RECORDS TO PROCESS:
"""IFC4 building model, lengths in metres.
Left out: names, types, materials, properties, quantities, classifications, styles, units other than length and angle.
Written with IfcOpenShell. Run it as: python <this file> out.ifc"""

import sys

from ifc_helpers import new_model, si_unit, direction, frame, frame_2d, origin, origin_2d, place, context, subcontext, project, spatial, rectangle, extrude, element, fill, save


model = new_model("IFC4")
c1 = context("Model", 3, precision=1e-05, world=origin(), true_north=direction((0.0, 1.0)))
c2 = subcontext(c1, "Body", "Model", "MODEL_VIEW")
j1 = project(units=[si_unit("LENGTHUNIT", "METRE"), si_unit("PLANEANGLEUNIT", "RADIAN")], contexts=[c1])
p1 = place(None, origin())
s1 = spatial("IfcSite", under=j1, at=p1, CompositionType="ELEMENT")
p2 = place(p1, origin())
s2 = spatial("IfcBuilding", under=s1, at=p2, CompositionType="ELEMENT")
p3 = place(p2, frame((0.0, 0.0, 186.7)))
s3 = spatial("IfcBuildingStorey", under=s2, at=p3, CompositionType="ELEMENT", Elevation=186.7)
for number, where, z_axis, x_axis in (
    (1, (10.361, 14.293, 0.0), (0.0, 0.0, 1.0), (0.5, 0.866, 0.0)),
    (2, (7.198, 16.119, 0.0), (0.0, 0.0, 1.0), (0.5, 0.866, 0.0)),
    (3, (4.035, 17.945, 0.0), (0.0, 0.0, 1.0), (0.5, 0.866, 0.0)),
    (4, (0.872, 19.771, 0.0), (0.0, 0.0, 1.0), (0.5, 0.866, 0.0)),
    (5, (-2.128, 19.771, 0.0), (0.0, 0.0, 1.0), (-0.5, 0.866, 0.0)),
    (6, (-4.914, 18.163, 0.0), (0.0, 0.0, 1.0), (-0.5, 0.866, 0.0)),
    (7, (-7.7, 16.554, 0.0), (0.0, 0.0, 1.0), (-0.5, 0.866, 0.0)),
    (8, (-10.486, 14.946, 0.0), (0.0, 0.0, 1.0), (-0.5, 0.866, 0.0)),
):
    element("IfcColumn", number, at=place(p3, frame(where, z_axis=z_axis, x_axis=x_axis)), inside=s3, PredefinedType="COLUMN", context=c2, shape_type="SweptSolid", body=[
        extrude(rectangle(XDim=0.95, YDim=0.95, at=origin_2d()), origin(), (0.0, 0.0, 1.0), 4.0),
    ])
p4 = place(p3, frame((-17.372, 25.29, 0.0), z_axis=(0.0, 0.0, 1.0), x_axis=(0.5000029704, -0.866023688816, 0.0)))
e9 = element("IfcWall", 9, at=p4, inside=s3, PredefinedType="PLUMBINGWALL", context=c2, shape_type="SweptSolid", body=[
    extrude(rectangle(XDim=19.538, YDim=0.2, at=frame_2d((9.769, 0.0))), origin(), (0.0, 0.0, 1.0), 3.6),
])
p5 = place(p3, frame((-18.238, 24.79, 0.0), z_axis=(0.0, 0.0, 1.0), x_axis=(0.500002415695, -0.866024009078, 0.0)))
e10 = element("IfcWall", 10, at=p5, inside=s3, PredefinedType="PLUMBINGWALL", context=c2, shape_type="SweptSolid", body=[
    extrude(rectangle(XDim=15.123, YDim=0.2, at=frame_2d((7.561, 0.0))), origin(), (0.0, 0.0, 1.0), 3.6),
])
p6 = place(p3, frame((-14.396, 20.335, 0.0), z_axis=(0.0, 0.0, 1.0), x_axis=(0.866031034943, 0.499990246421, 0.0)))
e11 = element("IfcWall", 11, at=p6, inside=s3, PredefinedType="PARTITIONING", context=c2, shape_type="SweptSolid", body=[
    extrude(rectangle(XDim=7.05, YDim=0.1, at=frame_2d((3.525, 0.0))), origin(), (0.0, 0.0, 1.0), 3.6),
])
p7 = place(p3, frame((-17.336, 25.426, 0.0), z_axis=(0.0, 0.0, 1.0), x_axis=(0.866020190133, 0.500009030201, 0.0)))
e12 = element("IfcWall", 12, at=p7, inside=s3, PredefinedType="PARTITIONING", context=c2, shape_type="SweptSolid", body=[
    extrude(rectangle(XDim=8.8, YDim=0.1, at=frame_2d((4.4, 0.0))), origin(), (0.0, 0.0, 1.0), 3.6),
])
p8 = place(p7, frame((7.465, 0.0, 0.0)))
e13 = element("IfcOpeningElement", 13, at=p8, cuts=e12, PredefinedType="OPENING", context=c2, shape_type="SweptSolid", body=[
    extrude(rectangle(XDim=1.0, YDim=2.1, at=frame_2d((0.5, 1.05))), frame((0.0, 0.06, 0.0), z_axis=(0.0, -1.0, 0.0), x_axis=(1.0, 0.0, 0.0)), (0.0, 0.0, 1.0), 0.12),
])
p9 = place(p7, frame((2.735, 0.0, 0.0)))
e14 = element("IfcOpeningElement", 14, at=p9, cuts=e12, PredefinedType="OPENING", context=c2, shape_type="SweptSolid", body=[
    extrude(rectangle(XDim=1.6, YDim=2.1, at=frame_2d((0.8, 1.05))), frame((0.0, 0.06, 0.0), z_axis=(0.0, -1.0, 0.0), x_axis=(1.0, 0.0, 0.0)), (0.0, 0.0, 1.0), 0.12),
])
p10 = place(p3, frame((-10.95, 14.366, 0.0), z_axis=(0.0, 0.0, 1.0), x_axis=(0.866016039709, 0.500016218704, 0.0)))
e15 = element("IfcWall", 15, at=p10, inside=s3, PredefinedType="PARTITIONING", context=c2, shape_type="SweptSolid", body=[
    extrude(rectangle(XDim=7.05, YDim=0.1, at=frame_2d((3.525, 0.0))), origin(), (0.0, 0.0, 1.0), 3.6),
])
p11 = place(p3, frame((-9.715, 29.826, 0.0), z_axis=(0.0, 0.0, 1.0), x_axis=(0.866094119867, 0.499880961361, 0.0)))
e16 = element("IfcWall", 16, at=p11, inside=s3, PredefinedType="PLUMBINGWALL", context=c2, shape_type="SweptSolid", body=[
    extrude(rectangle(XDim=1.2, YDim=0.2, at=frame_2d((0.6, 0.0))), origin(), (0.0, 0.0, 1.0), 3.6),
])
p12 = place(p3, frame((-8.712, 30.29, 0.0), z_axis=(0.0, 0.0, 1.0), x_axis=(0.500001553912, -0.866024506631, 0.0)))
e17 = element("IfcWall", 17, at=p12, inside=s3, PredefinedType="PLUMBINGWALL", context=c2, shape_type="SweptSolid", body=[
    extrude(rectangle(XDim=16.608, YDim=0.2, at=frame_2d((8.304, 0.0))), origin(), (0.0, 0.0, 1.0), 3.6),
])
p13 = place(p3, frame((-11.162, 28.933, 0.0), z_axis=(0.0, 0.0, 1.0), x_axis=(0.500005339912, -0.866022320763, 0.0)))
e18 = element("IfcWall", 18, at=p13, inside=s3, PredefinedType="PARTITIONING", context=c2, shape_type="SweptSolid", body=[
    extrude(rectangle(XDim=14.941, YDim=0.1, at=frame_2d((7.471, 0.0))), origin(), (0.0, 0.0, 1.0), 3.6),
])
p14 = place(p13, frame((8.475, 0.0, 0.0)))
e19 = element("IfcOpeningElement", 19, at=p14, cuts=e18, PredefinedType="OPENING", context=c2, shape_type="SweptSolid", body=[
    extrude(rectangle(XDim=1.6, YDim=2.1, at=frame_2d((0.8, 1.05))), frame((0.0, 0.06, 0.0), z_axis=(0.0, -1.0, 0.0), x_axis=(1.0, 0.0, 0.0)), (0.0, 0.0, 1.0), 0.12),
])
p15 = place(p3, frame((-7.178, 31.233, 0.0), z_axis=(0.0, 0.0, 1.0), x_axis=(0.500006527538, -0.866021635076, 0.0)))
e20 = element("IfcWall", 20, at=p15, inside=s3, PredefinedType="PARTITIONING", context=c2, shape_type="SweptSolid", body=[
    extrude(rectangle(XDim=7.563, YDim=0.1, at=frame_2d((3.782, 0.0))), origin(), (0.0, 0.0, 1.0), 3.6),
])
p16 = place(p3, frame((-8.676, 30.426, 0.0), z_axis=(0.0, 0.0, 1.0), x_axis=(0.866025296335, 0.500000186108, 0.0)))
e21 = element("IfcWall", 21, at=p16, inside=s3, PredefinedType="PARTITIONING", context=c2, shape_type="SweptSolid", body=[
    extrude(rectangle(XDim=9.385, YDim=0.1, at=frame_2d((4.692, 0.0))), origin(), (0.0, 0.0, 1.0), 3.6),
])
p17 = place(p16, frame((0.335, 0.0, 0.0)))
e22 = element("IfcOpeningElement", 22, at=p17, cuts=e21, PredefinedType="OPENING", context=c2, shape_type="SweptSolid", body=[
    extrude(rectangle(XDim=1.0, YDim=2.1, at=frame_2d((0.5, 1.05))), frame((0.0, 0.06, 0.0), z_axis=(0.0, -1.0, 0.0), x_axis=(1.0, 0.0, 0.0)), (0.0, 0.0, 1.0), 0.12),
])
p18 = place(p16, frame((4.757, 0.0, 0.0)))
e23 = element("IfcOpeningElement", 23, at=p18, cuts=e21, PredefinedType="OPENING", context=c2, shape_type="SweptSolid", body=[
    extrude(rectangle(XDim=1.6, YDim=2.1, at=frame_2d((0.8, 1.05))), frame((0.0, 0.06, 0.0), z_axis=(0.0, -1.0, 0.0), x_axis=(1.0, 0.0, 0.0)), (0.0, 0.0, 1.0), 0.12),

PROBLEM REQUIREMENTS:
Report the number of lines above that hold "CompositionType", and leave out everything else.

ANSWER TO THE EXERCISE:
3